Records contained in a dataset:
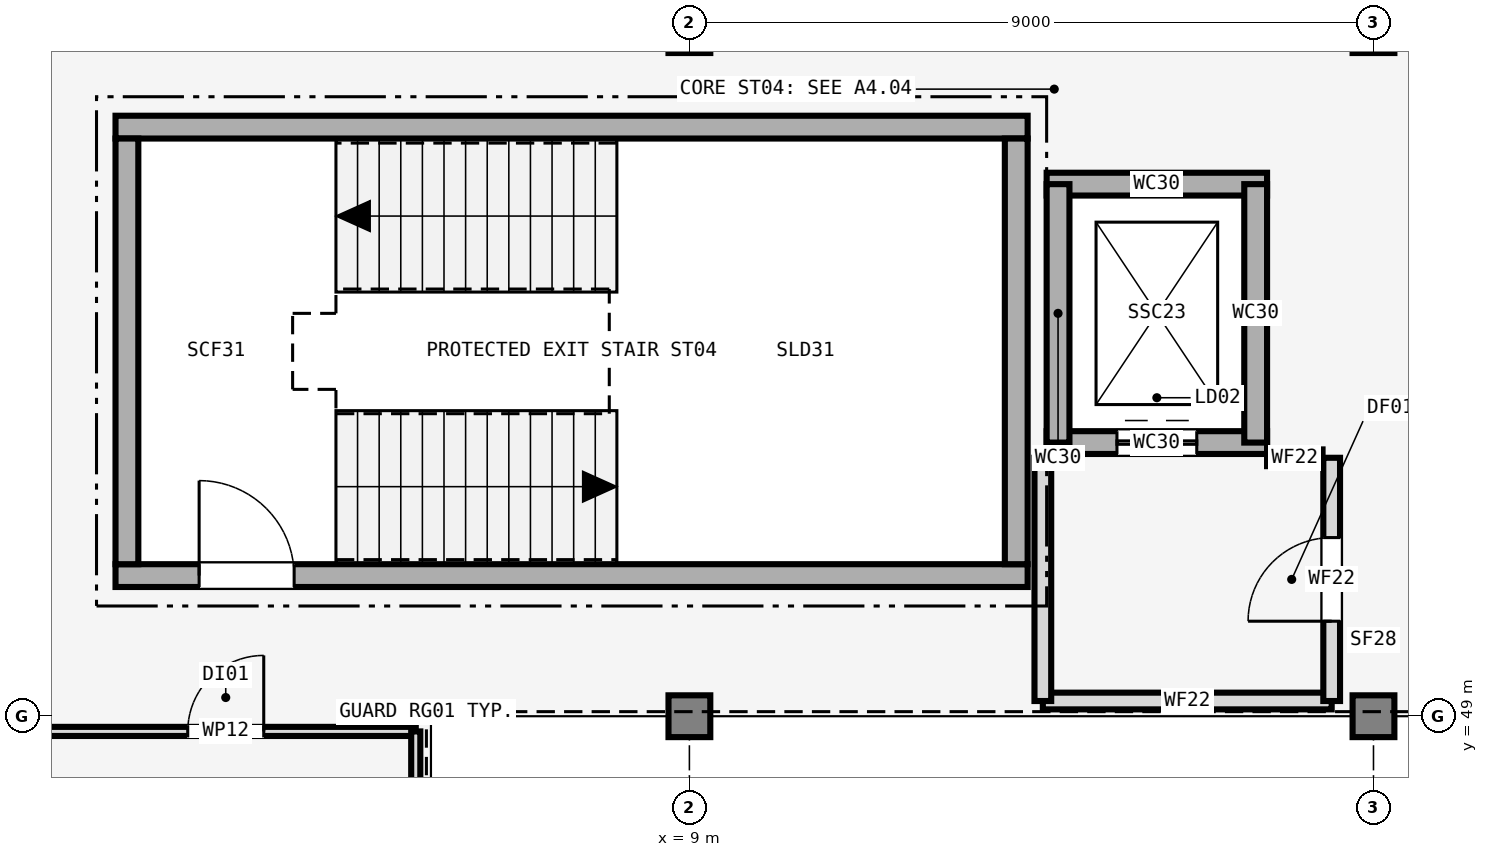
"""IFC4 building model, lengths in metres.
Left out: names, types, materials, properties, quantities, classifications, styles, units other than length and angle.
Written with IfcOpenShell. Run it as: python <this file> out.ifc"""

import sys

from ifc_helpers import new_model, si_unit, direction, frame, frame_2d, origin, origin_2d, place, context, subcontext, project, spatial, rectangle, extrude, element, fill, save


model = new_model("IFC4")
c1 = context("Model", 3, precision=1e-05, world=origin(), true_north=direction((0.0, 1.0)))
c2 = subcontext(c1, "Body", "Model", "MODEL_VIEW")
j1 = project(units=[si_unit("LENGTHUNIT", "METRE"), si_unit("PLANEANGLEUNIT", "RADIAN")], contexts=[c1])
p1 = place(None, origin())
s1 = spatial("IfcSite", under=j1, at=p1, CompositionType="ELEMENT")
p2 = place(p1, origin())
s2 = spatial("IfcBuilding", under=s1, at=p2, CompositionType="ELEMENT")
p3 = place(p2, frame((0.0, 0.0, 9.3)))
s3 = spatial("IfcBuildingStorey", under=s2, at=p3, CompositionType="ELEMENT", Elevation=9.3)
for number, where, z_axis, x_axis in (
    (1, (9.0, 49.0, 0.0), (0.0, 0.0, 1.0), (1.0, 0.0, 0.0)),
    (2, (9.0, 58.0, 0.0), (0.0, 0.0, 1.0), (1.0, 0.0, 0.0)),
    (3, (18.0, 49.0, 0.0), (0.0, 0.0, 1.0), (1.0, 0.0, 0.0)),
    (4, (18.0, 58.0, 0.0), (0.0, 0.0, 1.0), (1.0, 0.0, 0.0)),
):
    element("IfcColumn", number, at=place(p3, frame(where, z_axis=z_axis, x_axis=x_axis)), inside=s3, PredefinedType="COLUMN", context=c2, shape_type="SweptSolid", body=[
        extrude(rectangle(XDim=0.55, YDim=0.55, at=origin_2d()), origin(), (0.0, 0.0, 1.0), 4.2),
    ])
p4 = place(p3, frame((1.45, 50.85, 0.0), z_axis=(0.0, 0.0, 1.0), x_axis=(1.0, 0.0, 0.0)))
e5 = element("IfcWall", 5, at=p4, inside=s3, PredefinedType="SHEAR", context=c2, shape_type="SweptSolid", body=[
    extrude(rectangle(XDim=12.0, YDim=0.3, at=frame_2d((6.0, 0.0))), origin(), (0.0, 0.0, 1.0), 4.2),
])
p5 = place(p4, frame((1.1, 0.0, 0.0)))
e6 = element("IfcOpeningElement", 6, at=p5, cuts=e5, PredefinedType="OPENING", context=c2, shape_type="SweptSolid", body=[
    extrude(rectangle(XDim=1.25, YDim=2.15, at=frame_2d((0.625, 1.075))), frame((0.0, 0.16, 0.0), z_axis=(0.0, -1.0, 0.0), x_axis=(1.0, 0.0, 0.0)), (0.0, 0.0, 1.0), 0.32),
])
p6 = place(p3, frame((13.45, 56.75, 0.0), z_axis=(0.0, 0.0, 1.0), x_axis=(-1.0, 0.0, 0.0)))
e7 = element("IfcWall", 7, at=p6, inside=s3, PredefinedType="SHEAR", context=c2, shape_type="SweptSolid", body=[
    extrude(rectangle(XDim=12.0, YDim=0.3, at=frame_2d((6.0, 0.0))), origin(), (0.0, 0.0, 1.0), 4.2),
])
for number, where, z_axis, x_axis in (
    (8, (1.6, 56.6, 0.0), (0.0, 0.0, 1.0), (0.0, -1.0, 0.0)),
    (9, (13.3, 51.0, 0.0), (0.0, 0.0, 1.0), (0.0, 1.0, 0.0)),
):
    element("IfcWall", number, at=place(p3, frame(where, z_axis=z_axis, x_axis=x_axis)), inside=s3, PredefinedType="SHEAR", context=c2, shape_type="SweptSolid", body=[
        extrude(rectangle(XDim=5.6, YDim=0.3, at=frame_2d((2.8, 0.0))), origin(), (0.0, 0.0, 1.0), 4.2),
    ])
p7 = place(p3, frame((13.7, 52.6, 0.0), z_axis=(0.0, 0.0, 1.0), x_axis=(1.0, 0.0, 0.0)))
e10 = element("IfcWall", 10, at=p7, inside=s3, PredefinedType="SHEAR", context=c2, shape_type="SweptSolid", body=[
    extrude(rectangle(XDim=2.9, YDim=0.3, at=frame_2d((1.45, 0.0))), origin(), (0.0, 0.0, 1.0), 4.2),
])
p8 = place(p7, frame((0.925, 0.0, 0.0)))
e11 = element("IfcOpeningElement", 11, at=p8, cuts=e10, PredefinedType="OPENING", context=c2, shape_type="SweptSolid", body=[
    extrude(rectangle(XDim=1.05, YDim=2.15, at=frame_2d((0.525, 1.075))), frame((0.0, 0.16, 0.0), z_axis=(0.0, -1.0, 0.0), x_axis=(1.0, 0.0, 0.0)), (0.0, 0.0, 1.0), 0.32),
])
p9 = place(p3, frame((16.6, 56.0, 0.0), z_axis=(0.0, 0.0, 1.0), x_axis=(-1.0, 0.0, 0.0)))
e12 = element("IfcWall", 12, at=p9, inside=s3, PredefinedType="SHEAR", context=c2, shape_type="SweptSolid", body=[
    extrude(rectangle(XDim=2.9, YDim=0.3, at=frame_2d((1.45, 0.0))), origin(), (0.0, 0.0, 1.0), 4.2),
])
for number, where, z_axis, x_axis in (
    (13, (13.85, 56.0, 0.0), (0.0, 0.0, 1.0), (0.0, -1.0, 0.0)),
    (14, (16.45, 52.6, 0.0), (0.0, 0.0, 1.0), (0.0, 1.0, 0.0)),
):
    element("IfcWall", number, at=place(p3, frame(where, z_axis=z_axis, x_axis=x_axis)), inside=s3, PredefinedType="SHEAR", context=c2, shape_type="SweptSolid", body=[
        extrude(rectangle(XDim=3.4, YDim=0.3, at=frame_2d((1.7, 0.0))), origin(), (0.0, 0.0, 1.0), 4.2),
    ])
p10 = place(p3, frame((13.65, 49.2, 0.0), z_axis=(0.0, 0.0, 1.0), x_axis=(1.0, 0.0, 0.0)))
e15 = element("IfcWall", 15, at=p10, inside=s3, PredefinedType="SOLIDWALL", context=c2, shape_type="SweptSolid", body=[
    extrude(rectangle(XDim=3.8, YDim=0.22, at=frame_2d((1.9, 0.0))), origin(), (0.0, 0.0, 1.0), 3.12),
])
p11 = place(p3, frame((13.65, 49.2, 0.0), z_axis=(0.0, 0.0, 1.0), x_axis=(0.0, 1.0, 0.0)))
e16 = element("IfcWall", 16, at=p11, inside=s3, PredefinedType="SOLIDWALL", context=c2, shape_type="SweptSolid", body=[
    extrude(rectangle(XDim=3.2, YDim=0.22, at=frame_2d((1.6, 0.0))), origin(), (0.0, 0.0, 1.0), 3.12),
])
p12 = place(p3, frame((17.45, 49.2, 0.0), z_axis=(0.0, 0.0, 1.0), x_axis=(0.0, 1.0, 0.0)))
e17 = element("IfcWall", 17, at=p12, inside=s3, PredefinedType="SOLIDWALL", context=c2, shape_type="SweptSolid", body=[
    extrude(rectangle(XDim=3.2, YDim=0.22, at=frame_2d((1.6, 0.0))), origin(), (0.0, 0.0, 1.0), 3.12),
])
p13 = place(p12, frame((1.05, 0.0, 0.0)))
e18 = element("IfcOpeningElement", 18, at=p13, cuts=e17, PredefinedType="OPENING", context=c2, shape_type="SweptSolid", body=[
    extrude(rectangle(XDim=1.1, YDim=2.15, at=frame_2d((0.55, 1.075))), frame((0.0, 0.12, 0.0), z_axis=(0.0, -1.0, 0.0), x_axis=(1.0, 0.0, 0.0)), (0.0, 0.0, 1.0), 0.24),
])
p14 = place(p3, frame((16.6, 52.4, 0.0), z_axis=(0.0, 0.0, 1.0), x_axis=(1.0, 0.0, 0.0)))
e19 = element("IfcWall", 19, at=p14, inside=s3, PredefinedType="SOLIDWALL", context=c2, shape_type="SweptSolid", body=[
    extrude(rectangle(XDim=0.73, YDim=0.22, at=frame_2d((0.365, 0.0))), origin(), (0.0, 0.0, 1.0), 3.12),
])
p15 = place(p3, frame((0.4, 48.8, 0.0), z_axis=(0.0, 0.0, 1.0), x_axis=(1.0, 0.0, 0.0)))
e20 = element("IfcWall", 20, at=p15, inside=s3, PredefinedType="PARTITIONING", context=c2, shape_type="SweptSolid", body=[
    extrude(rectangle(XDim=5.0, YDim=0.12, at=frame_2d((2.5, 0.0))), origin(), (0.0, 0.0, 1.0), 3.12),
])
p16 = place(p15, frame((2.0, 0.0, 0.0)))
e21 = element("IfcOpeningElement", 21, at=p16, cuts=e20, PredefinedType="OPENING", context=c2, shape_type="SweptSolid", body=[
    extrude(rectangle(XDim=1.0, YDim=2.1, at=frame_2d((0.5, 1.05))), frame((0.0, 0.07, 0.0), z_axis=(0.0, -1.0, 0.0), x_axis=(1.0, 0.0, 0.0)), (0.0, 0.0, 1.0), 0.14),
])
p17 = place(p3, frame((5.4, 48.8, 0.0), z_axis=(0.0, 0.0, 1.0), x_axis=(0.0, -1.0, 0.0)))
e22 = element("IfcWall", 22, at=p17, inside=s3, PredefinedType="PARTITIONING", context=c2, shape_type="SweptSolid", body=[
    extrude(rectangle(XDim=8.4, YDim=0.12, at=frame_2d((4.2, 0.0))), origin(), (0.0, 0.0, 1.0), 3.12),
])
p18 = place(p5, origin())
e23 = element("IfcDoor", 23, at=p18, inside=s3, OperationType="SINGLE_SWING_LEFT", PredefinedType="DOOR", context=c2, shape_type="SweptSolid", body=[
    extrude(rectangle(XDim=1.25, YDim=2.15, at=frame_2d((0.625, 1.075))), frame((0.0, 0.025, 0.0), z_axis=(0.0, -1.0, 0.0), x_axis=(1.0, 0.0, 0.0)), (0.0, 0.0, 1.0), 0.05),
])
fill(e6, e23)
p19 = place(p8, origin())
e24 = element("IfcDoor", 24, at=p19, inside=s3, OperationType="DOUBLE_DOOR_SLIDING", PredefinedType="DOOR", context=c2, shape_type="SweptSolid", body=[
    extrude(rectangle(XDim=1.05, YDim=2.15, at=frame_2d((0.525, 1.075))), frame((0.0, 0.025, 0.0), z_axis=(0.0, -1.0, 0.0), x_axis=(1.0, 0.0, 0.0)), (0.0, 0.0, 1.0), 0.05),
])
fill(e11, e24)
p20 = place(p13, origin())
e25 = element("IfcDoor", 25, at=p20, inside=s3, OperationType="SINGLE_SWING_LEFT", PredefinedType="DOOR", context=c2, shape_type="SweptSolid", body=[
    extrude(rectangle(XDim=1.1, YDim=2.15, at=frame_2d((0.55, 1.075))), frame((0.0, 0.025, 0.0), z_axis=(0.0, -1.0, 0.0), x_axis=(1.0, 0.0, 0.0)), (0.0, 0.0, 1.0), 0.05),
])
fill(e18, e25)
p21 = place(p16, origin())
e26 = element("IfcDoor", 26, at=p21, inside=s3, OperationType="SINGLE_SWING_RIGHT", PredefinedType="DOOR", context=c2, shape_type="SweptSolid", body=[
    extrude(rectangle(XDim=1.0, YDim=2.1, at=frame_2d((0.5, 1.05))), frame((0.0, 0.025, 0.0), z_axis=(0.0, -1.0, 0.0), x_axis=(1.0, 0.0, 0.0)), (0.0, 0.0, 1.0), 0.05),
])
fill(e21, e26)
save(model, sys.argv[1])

• [Task description] Within the lines above, find those holding the word "SHEAR" and copy them.

• [Result]
e5 = element("IfcWall", 5, at=p4, inside=s3, PredefinedType="SHEAR", context=c2, shape_type="SweptSolid", body=[
e7 = element("IfcWall", 7, at=p6, inside=s3, PredefinedType="SHEAR", context=c2, shape_type="SweptSolid", body=[
    element("IfcWall", number, at=place(p3, frame(where, z_axis=z_axis, x_axis=x_axis)), inside=s3, PredefinedType="SHEAR", context=c2, shape_type="SweptSolid", body=[
e10 = element("IfcWall", 10, at=p7, inside=s3, PredefinedType="SHEAR", context=c2, shape_type="SweptSolid", body=[
e12 = element("IfcWall", 12, at=p9, inside=s3, PredefinedType="SHEAR", context=c2, shape_type="SweptSolid", body=[
    element("IfcWall", number, at=place(p3, frame(where, z_axis=z_axis, x_axis=x_axis)), inside=s3, PredefinedType="SHEAR", context=c2, shape_type="SweptSolid", body=[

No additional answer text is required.